Check every line of the entries for the string "origin" and return the ones that contain it.

-- Task material follows --

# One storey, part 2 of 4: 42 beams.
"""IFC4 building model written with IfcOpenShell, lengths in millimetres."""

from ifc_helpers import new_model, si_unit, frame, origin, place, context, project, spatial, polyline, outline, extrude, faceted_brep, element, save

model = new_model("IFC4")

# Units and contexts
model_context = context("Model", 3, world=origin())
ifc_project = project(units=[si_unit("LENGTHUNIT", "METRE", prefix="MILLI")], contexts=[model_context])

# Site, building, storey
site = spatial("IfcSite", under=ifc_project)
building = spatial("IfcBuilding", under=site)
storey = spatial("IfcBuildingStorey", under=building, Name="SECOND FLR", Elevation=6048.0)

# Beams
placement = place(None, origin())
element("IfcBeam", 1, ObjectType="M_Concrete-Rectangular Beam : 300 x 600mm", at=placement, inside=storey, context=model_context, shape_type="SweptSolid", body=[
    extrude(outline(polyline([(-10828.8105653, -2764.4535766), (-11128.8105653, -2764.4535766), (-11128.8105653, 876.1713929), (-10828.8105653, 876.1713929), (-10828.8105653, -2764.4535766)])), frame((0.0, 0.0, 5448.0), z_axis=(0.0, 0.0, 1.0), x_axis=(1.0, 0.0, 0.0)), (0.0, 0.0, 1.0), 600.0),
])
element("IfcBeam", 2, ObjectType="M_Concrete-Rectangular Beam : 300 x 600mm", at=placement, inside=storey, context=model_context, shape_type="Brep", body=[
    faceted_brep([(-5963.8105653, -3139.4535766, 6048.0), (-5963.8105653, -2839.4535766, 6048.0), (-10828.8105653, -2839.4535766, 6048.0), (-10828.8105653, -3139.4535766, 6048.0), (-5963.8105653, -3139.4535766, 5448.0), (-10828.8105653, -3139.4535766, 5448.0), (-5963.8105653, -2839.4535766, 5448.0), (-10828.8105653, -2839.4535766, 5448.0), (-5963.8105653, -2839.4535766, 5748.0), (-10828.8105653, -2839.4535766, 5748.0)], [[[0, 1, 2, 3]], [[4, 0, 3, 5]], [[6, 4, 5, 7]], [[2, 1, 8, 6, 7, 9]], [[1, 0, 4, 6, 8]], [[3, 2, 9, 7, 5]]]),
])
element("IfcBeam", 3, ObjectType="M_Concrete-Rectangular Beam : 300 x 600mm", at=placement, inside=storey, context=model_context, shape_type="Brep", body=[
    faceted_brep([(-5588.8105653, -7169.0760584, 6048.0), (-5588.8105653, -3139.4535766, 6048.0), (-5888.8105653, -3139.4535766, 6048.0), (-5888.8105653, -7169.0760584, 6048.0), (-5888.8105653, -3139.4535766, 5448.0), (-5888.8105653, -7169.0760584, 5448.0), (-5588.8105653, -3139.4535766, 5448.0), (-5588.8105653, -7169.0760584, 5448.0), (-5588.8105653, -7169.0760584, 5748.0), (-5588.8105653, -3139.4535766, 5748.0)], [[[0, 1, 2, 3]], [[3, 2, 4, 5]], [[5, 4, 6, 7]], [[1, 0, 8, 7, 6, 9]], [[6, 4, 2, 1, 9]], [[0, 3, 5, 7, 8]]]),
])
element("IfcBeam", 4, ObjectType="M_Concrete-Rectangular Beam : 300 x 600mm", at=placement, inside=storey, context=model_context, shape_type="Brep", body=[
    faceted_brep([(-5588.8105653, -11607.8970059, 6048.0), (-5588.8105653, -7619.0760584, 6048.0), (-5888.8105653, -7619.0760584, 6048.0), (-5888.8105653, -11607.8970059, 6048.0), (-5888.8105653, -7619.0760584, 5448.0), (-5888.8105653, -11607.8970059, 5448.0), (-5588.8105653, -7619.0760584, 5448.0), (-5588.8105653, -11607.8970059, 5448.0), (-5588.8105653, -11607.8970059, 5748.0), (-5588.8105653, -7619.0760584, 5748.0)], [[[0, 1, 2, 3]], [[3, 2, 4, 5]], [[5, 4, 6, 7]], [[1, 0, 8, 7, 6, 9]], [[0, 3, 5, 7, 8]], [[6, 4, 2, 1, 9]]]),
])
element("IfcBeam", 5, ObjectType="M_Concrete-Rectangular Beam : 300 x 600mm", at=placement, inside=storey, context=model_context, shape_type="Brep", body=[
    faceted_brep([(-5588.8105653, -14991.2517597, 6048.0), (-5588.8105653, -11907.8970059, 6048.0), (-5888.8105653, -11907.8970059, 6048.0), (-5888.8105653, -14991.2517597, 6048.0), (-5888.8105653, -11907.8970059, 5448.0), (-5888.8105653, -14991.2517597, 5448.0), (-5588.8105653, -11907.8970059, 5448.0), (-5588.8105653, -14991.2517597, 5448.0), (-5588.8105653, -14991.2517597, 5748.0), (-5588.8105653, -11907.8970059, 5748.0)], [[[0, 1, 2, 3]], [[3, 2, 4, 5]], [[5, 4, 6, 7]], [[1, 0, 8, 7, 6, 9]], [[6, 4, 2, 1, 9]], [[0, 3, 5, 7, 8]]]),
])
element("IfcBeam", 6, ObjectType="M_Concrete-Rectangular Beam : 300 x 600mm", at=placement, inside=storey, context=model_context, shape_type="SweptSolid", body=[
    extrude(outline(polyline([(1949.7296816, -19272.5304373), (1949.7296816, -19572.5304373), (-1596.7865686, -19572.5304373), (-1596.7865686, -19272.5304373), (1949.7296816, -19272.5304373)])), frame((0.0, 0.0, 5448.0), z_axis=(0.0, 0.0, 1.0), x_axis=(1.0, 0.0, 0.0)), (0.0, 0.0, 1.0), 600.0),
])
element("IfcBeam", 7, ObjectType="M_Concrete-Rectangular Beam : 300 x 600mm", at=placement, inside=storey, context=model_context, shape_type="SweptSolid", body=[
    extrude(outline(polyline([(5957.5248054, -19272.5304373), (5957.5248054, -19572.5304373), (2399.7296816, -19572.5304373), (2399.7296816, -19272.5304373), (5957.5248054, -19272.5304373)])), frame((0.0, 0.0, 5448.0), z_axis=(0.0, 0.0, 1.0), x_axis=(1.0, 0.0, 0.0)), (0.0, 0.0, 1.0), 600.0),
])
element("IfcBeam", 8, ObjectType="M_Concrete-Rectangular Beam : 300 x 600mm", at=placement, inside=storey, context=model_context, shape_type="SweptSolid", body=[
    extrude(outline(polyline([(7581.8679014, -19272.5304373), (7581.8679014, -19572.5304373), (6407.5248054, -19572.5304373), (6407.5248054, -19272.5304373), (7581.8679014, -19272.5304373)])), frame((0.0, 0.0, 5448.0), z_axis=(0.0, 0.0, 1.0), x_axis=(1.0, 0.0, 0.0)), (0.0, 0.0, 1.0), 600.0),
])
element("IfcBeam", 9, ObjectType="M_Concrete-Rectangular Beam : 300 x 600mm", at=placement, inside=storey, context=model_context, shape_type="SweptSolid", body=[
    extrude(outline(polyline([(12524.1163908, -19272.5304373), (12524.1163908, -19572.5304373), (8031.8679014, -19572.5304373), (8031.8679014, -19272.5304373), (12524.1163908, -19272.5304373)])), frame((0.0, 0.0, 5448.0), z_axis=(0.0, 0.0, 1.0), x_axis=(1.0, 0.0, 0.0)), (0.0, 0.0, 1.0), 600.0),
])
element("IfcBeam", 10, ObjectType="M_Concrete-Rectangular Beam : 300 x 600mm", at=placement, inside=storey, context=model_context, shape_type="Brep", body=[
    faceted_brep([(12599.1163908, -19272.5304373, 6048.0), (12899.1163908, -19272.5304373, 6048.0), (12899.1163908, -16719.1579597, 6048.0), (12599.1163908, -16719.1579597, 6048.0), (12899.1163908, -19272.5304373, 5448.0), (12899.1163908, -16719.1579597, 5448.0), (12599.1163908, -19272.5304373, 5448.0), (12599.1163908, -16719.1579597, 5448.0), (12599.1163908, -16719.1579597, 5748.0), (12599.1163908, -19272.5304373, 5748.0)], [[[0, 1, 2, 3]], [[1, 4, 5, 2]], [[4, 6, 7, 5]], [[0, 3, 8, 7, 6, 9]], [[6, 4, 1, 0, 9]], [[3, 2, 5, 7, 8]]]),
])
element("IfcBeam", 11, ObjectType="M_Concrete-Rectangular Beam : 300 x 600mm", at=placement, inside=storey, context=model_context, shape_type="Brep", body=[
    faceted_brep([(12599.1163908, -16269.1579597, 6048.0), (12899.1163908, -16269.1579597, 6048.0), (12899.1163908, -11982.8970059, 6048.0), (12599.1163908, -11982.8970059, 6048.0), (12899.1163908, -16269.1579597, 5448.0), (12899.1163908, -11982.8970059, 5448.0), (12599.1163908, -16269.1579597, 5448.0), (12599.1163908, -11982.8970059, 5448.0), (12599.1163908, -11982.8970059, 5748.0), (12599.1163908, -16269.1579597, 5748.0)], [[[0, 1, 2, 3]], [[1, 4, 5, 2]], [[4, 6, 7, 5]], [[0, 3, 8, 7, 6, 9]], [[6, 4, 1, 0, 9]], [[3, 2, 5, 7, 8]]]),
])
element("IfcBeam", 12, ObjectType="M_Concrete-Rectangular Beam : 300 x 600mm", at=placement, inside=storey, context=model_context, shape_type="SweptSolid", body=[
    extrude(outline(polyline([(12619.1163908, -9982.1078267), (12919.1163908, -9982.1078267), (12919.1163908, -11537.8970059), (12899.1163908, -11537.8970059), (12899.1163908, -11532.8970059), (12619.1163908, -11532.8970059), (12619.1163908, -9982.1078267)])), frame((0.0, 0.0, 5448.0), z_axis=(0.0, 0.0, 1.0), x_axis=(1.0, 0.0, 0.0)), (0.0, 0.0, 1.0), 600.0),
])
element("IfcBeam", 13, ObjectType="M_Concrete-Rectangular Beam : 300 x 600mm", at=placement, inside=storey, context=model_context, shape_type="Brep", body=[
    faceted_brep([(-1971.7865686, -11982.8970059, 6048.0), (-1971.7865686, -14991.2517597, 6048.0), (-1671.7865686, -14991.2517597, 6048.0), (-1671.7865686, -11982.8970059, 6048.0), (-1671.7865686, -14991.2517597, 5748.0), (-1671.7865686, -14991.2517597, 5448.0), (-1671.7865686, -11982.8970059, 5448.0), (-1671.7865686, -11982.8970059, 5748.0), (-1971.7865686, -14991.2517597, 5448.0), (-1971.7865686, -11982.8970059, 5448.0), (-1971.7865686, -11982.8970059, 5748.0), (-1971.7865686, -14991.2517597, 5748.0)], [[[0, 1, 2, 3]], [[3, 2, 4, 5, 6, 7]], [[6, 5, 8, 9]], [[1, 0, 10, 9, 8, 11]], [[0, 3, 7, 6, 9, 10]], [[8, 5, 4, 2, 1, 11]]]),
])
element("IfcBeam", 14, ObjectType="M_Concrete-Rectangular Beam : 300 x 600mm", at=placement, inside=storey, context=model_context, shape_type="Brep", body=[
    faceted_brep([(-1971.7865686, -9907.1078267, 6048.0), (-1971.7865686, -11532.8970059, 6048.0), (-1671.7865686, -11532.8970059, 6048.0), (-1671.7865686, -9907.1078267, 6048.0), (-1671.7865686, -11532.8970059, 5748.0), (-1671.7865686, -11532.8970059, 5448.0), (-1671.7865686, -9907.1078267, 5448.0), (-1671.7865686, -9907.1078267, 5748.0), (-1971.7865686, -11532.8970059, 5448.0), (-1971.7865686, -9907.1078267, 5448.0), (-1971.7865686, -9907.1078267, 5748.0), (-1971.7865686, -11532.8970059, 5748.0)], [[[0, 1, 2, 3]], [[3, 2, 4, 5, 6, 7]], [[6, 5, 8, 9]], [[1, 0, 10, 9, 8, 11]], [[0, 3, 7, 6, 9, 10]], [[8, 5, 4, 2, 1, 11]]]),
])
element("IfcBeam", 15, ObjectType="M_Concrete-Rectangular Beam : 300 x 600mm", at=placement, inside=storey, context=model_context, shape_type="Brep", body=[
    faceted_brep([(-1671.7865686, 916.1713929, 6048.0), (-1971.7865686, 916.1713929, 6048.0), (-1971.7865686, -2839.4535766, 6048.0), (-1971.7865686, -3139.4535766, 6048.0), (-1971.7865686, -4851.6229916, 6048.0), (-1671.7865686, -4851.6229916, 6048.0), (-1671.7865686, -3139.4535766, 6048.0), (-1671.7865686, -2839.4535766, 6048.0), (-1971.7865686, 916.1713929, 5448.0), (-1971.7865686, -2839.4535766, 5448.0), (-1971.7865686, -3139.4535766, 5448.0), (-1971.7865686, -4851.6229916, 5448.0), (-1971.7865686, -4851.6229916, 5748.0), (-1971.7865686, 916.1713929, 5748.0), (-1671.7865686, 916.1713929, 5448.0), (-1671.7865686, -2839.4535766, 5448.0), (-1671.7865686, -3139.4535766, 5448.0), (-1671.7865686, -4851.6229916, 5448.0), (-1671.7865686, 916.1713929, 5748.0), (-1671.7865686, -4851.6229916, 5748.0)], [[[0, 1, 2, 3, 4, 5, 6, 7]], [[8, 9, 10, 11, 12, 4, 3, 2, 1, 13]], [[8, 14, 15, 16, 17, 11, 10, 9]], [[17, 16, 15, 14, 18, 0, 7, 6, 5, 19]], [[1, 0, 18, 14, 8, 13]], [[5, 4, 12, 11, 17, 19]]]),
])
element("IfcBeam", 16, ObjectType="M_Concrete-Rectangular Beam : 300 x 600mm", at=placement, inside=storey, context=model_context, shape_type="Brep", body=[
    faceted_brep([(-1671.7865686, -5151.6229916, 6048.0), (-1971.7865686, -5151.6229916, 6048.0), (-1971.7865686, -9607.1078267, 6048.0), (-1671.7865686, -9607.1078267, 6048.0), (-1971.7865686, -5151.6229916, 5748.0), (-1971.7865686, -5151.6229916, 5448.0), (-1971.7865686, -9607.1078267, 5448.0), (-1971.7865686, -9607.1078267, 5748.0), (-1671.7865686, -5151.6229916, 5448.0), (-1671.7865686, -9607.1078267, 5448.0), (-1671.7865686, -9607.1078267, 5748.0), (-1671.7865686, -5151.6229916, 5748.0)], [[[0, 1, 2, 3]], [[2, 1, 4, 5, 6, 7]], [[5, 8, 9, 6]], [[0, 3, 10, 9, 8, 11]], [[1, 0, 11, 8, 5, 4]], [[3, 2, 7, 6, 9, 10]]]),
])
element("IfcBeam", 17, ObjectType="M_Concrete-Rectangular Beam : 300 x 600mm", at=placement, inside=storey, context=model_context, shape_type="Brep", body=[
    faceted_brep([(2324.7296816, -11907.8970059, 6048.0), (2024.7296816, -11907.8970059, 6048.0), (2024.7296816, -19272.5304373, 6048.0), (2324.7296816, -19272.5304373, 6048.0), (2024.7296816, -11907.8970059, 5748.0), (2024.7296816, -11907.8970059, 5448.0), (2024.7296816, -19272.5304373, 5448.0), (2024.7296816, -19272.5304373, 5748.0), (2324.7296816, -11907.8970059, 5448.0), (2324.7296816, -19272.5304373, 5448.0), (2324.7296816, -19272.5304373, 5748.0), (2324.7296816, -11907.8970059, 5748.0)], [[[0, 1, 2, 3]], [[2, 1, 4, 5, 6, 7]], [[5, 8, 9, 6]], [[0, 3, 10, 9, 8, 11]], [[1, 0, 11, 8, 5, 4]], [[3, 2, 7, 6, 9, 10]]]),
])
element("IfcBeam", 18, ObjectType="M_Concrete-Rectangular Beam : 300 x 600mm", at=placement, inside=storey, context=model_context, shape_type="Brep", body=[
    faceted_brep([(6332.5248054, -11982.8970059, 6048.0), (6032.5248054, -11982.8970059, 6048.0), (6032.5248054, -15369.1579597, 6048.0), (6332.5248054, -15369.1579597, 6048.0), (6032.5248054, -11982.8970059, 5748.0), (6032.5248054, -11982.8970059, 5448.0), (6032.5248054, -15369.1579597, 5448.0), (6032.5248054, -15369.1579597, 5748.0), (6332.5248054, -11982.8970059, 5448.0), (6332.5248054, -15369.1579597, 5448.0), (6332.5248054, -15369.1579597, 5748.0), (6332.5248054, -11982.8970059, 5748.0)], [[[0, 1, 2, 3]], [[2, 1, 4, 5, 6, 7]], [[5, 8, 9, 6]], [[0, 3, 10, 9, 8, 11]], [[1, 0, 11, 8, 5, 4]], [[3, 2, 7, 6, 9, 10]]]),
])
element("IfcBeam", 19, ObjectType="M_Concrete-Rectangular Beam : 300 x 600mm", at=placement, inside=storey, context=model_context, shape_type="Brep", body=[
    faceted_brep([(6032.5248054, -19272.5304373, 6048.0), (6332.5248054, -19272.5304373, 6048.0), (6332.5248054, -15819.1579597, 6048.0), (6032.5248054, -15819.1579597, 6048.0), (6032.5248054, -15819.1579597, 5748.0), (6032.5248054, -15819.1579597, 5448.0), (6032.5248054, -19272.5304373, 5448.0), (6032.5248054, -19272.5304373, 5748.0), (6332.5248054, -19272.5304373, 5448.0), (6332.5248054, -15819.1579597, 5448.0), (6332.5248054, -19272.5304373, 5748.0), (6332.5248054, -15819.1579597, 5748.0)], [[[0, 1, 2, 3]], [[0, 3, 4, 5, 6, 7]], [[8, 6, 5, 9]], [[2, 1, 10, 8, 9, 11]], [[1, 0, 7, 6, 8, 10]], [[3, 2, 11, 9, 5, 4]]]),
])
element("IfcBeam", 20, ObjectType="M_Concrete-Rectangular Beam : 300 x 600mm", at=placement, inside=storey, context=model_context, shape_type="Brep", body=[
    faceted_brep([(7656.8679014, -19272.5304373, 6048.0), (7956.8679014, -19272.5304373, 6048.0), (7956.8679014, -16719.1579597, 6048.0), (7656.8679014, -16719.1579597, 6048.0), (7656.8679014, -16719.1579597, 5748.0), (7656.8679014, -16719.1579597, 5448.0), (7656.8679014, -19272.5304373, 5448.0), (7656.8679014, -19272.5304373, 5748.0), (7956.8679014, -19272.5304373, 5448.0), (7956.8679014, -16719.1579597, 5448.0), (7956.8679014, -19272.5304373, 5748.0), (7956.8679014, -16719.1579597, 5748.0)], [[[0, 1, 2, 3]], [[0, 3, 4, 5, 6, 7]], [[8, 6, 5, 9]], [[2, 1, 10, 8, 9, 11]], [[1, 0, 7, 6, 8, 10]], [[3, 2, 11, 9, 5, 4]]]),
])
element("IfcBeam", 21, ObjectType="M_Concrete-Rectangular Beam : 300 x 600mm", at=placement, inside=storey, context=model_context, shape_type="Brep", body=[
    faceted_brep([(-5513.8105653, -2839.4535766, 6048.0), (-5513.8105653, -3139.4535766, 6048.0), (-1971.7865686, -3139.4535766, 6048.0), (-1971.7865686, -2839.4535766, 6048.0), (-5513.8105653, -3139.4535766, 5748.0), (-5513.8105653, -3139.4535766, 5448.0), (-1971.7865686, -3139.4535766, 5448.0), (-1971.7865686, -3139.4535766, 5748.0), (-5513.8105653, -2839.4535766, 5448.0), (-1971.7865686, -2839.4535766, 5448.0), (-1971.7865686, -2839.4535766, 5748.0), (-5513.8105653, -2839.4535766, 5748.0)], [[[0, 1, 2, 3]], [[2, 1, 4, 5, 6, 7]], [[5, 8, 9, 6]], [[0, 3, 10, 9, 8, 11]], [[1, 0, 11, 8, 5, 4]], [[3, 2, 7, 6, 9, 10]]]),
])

-- Task material concluded --

* [Response]
from ifc_helpers import new_model, si_unit, frame, origin, place, context, project, spatial, polyline, outline, extrude, faceted_brep, element, save
model_context = context("Model", 3, world=origin())
placement = place(None, origin())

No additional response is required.